* **Activity**: Go through the entries below and copy every line that holds the word "ezdxf".

* **Exercise materials**:
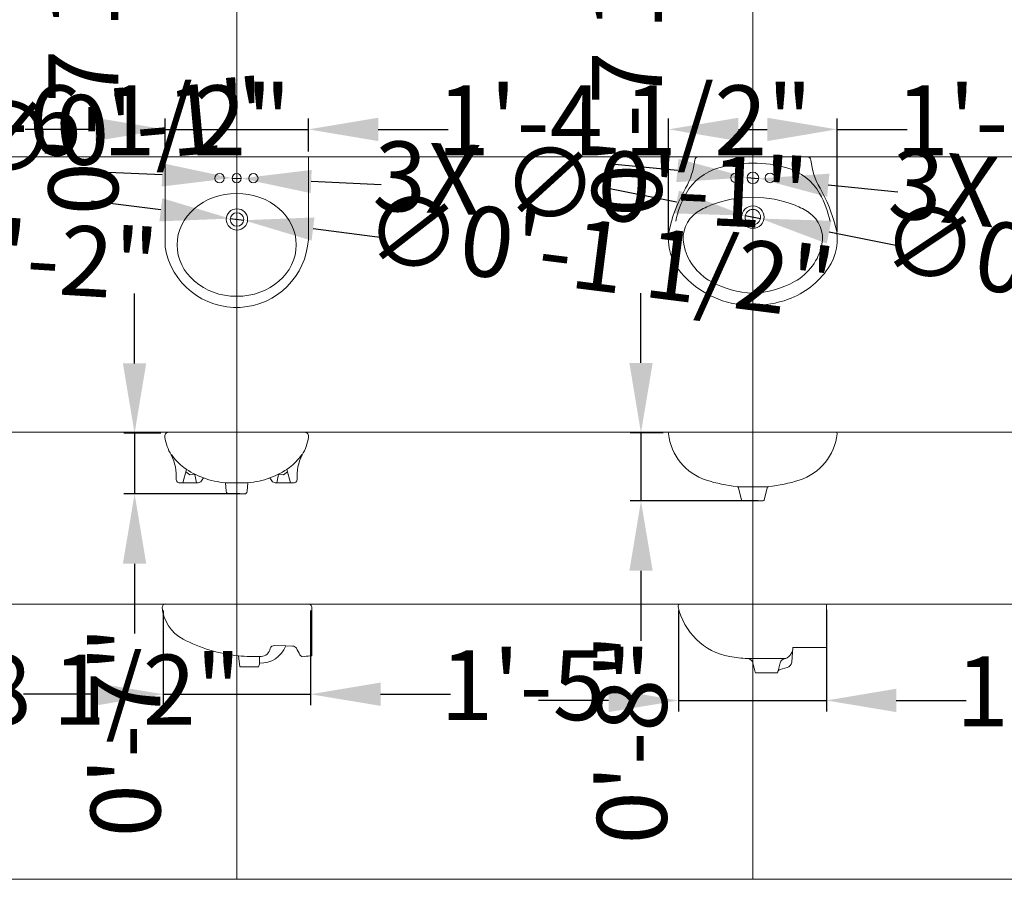
# Model space of a CAD drawing. Units: inches. Extents: x 2138 to 3265, y 2149 to 3392.
# Tile 10 of 13: x 3040 to 3153, y 3066 to 3164. Entities that reach past the tile are written whole.
import ezdxf

# ---------------------------------------------------------------- set-up
doc = ezdxf.new("R2010")
doc.units = ezdxf.units.IN
for name, color, linetype, lineweight in [('A-ANNO-DIMS', 2, 'Continuous', 18), ('A-DETL-GRID', 1, 'Continuous', 13), ('Washbasin-detail', 251, 'Continuous', 13), ('Washbasin-outline', 250, 'Continuous', 20)]:
    doc.layers.add(name, color=color, linetype=linetype, lineweight=lineweight)
doc.styles.get("Standard").update_dxf_attribs({"font": 'arial.ttf'})
doc.dimstyles.new('ISO-25', dxfattribs={"dimtxt": 8, "dimasz": 8, "dimexe": 1.25, "dimexo": 0.625, "dimtad": 0, "dimdec": 1, "dimlunit": 4, "dimtxsty": 'Standard', "dimcen": 2.5, "dimadec": 0, "dimazin": 0, "dimtfac": 1, "dimtdec": 1, "dimtmove": 0, "dimatfit": 3, "dimfxl": 1, "dimarcsym": 0})

# ---------------------------------------------------------------- blocks, each defined once
blk = doc.blocks.new('*D89')
at = {"layer": 'A-ANNO-DIMS', "color": 0, "lineweight": -2, "transparency": 16777216}
for p, q in [((3048.17, 3215.38), (3048.17, 3223.38)), ((3050.93, 3207.38), (3046.92, 3207.38)), ((3048.17, 3207.38), (3048.17, 3199.85)), ((3065.38, 3199.85), (3046.92, 3199.85)), ((3048.17, 3191.85), (3048.17, 3183.85))]:
    blk.add_line(p, q, dxfattribs=at)
at = {"layer": 'A-ANNO-DIMS', "color": 0, "transparency": 16777216}
for points in [[(3046.84, 3215.38), (3049.5, 3215.38), (3048.17, 3207.38)], [(3046.84, 3191.85), (3049.5, 3191.85), (3048.17, 3199.85)]]:
    blk.add_solid(points, dxfattribs=at)
at = {"layer": 'Defpoints', "color": 0, "transparency": 16777216}
for p in [(3051.56, 3207.38), (3048.17, 3199.85), (3066, 3199.85)]:
    blk.add_point(p, dxfattribs=at)
at = {"layer": 'A-ANNO-DIMS', "color": 0, "transparency": 16777216, "insert": (3048.17, 3163.27), "char_height": 8, "attachment_point": 5, "rotation": 90}
blk.add_mtext('0\'-7 1/2"', dxfattribs=at)
blk = doc.blocks.new('*D92')
at = {"layer": 'A-ANNO-DIMS', "color": 0, "lineweight": -2, "transparency": 16777216}
for p, q in [((3110.37, 3215.35), (3110.37, 3223.35)), ((3113.57, 3207.35), (3109.12, 3207.35)), ((3110.37, 3207.35), (3110.37, 3199.66)), ((3124.47, 3199.66), (3109.12, 3199.66)), ((3110.37, 3191.66), (3110.37, 3183.66))]:
    blk.add_line(p, q, dxfattribs=at)
at = {"layer": 'A-ANNO-DIMS', "color": 0, "transparency": 16777216}
for points in [[(3109.04, 3215.35), (3111.7, 3215.35), (3110.37, 3207.35)], [(3109.04, 3191.66), (3111.7, 3191.66), (3110.37, 3199.66)]]:
    blk.add_solid(points, dxfattribs=at)
at = {"layer": 'Defpoints', "color": 0, "transparency": 16777216}
for p in [(3114.19, 3207.35), (3110.37, 3199.66), (3125.1, 3199.66)]:
    blk.add_point(p, dxfattribs=at)
at = {"layer": 'A-ANNO-DIMS', "color": 0, "transparency": 16777216, "insert": (3110.37, 3163.08), "char_height": 8, "attachment_point": 5, "rotation": 90}
blk.add_mtext('0\'-7 1/2"', dxfattribs=at)
blk = doc.blocks.new('*D99')
at = {"layer": 'A-ANNO-DIMS', "color": 0, "lineweight": -2, "transparency": 16777216}
for p, q in [((2990.46, 3138.73), (2990.46, 3152.87)), ((3020.79, 3138.73), (3020.79, 3152.87)), ((2998.46, 3151.62), (3012.79, 3151.62)), ((3020.79, 3151.62), (3028.79, 3151.62))]:
    blk.add_line(p, q, dxfattribs=at)
at = {"layer": 'A-ANNO-DIMS', "color": 0, "transparency": 16777216}
for points in [[(2998.46, 3152.95), (2998.46, 3150.28), (2990.46, 3151.62)], [(3012.79, 3152.95), (3012.79, 3150.28), (3020.79, 3151.62)]]:
    blk.add_solid(points, dxfattribs=at)
at = {"layer": 'Defpoints', "color": 0, "transparency": 16777216}
for p in [(3020.79, 3151.62), (2990.46, 3138.1), (3020.79, 3138.1)]:
    blk.add_point(p, dxfattribs=at)
at = {"layer": 'A-ANNO-DIMS', "color": 0, "transparency": 16777216, "insert": (3049.44, 3151.62), "char_height": 8, "attachment_point": 5}
blk.add_mtext('2\'-6 1/2"', dxfattribs=at)
blk = doc.blocks.new('*D101')
at = {"layer": 'A-ANNO-DIMS', "color": 0, "lineweight": -2, "transparency": 16777216}
for p, q in [((2995.19, 3096.14), (2995.19, 3085.21)), ((3015.5, 3096.19), (3015.5, 3085.21)), ((3003.19, 3086.46), (3007.5, 3086.46)), ((3015.5, 3086.46), (3023.5, 3086.46))]:
    blk.add_line(p, q, dxfattribs=at)
at = {"layer": 'A-ANNO-DIMS', "color": 0, "transparency": 16777216}
for points in [[(3003.19, 3087.79), (3003.19, 3085.13), (2995.19, 3086.46)], [(3007.5, 3087.79), (3007.5, 3085.13), (3015.5, 3086.46)]]:
    blk.add_solid(points, dxfattribs=at)
at = {"layer": 'Defpoints', "color": 0, "transparency": 16777216}
for p in [(2995.19, 3096.77), (3015.5, 3096.81), (3015.5, 3086.46)]:
    blk.add_point(p, dxfattribs=at)
at = {"layer": 'A-ANNO-DIMS', "color": 0, "transparency": 16777216, "insert": (3043.7, 3086.46), "char_height": 8, "attachment_point": 5}
blk.add_mtext('1\'-8 1/2"', dxfattribs=at)
blk = doc.blocks.new('*D102')
at = {"layer": 'A-ANNO-DIMS', "color": 0, "lineweight": -2, "transparency": 16777216}
for p, q in [((3056.49, 3149.09), (3056.49, 3152.87)), ((3072.88, 3149.09), (3072.88, 3152.87)), ((3048.49, 3151.62), (3040.49, 3151.62)), ((3056.49, 3151.62), (3072.88, 3151.62)), ((3080.88, 3151.62), (3088.88, 3151.62))]:
    blk.add_line(p, q, dxfattribs=at)
at = {"layer": 'A-ANNO-DIMS', "color": 0, "transparency": 16777216}
for points in [[(3048.49, 3152.95), (3048.49, 3150.28), (3056.49, 3151.62)], [(3080.88, 3152.95), (3080.88, 3150.28), (3072.88, 3151.62)]]:
    blk.add_solid(points, dxfattribs=at)
at = {"layer": 'Defpoints', "color": 0, "transparency": 16777216}
for p in [(3072.88, 3151.62), (3056.49, 3148.47), (3072.88, 3148.47)]:
    blk.add_point(p, dxfattribs=at)
at = {"layer": 'A-ANNO-DIMS', "color": 0, "transparency": 16777216, "insert": (3109.08, 3151.62), "char_height": 8, "attachment_point": 5}
blk.add_mtext('1\'-4 1/2"', dxfattribs=at)
blk = doc.blocks.new('*D103')
at = {"layer": 'A-ANNO-DIMS', "color": 0, "lineweight": -2, "transparency": 16777216}
for p, q in [((3053, 3124.84), (3053, 3132.84)), ((3055.99, 3116.84), (3051.75, 3116.84)), ((3053, 3116.84), (3053, 3109.91)), ((3065.05, 3109.91), (3051.75, 3109.91)), ((3053, 3101.91), (3053, 3093.91))]:
    blk.add_line(p, q, dxfattribs=at)
at = {"layer": 'A-ANNO-DIMS', "color": 0, "transparency": 16777216}
for points in [[(3051.66, 3124.84), (3054.33, 3124.84), (3053, 3116.84)], [(3051.66, 3101.91), (3054.33, 3101.91), (3053, 3109.91)]]:
    blk.add_solid(points, dxfattribs=at)
at = {"layer": 'Defpoints', "color": 0, "transparency": 16777216}
for p in [(3056.61, 3116.84), (3053, 3109.91), (3065.67, 3109.91)]:
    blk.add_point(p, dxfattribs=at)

* **Solution to the exercise**:
import ezdxf
doc = ezdxf.new("R2010")
doc.units = ezdxf.units.IN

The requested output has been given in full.